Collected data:

------------

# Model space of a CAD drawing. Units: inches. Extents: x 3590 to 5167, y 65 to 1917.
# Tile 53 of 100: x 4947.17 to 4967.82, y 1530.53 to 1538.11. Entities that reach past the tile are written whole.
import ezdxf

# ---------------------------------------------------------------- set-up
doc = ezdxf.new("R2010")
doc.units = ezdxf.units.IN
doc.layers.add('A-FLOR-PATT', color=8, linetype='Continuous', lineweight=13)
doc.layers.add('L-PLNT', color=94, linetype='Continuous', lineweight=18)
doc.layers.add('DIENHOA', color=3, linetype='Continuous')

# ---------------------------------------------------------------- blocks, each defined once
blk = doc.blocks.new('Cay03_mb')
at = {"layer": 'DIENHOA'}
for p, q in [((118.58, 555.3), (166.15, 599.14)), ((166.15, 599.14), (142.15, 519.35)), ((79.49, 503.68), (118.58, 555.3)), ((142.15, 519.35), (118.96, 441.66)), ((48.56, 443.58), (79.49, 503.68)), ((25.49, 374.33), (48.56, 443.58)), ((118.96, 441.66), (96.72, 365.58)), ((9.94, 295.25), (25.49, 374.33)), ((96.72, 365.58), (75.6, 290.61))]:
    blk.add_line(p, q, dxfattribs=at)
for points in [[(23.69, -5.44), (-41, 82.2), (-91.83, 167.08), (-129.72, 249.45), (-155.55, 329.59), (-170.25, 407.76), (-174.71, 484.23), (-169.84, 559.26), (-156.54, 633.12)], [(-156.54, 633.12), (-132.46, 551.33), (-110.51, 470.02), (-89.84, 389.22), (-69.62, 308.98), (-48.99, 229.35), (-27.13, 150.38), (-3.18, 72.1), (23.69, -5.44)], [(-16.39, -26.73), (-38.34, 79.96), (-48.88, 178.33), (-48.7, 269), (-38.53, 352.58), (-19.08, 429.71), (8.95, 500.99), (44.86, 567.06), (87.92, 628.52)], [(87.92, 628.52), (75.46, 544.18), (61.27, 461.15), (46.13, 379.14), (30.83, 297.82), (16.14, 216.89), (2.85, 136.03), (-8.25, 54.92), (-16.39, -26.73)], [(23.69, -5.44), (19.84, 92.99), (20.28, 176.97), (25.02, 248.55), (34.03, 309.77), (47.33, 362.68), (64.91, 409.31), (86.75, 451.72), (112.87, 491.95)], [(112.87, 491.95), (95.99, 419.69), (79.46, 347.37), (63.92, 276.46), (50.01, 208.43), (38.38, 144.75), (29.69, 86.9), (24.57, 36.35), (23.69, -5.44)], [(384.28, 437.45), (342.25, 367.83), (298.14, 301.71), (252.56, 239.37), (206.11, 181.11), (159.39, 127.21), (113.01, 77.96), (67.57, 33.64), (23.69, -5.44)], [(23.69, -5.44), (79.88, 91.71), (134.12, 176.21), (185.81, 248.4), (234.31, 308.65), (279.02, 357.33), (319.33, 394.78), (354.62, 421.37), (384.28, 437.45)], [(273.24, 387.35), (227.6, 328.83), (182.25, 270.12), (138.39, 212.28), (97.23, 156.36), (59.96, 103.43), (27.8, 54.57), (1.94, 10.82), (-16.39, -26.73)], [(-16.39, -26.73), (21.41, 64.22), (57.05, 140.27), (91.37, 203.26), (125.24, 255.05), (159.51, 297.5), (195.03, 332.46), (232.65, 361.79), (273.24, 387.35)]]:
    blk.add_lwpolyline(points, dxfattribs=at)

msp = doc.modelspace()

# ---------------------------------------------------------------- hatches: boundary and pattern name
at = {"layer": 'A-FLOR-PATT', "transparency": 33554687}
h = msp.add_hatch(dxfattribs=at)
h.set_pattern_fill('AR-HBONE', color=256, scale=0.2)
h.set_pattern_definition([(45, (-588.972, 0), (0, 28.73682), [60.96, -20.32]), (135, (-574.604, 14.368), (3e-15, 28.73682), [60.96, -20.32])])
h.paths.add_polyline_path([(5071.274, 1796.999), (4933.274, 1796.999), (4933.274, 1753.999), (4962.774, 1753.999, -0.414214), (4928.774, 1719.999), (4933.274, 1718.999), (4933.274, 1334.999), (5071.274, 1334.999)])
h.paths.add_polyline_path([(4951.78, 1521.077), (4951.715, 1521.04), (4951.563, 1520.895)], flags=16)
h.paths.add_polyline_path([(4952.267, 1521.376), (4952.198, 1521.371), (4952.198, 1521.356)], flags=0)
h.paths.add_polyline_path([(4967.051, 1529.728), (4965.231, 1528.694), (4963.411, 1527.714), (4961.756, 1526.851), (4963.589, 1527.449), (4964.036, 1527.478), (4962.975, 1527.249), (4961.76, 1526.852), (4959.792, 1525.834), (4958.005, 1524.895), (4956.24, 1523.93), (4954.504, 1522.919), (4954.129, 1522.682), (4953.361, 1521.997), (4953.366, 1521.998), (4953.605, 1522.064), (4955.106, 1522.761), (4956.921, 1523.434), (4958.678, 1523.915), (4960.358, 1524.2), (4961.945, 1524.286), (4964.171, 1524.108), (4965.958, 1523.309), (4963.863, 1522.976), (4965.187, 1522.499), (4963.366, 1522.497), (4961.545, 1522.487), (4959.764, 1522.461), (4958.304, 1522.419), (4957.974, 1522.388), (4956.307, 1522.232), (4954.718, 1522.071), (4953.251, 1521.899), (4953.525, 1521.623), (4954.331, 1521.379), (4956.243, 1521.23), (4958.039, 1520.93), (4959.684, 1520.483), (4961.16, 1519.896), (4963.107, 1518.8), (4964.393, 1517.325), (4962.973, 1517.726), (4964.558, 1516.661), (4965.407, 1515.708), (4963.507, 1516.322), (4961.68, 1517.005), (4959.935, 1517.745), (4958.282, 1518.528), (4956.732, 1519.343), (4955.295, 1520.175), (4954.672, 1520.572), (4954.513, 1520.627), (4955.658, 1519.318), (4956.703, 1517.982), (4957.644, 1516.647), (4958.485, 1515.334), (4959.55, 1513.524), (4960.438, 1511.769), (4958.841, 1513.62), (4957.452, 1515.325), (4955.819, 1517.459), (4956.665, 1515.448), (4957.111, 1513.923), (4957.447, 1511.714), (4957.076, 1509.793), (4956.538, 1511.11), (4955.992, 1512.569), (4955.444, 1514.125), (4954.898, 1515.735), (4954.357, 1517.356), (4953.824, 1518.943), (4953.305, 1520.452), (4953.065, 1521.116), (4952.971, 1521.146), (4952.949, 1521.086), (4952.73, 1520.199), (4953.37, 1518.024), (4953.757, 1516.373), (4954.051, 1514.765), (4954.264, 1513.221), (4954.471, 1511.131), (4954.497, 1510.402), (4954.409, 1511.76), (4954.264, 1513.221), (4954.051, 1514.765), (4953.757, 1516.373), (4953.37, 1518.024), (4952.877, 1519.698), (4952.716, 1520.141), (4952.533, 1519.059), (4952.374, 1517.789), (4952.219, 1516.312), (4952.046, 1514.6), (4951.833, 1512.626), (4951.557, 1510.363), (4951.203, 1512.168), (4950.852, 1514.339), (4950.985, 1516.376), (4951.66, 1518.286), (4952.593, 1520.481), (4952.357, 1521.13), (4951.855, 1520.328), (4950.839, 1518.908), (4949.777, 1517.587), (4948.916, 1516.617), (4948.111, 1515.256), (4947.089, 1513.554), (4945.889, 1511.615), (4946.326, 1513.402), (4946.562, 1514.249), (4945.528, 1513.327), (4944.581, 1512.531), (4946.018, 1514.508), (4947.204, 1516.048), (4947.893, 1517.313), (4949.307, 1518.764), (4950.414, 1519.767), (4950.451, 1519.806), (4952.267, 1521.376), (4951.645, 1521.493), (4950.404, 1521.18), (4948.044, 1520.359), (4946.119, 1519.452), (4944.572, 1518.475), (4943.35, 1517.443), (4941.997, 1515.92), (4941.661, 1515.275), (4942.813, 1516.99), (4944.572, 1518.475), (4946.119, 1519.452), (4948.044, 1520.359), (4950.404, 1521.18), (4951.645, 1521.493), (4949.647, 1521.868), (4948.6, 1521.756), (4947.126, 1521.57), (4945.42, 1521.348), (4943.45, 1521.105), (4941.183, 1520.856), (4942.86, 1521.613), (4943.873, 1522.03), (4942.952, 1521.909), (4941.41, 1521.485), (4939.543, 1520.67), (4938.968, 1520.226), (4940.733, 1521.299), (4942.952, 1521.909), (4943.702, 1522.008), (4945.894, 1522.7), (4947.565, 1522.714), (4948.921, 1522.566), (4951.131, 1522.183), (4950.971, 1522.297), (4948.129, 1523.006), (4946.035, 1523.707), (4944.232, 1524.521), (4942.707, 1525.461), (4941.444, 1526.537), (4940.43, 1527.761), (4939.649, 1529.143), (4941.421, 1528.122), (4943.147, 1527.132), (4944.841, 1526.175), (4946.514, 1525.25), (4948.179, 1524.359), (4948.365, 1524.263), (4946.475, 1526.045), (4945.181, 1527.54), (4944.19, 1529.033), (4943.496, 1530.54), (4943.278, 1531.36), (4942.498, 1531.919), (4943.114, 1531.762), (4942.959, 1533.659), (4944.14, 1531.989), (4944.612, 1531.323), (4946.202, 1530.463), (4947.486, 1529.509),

------------

TASK GOAL: Given the entries above, count how many lines include the word "FLOR"; respond with the number only.

ANSWER BELOW: 2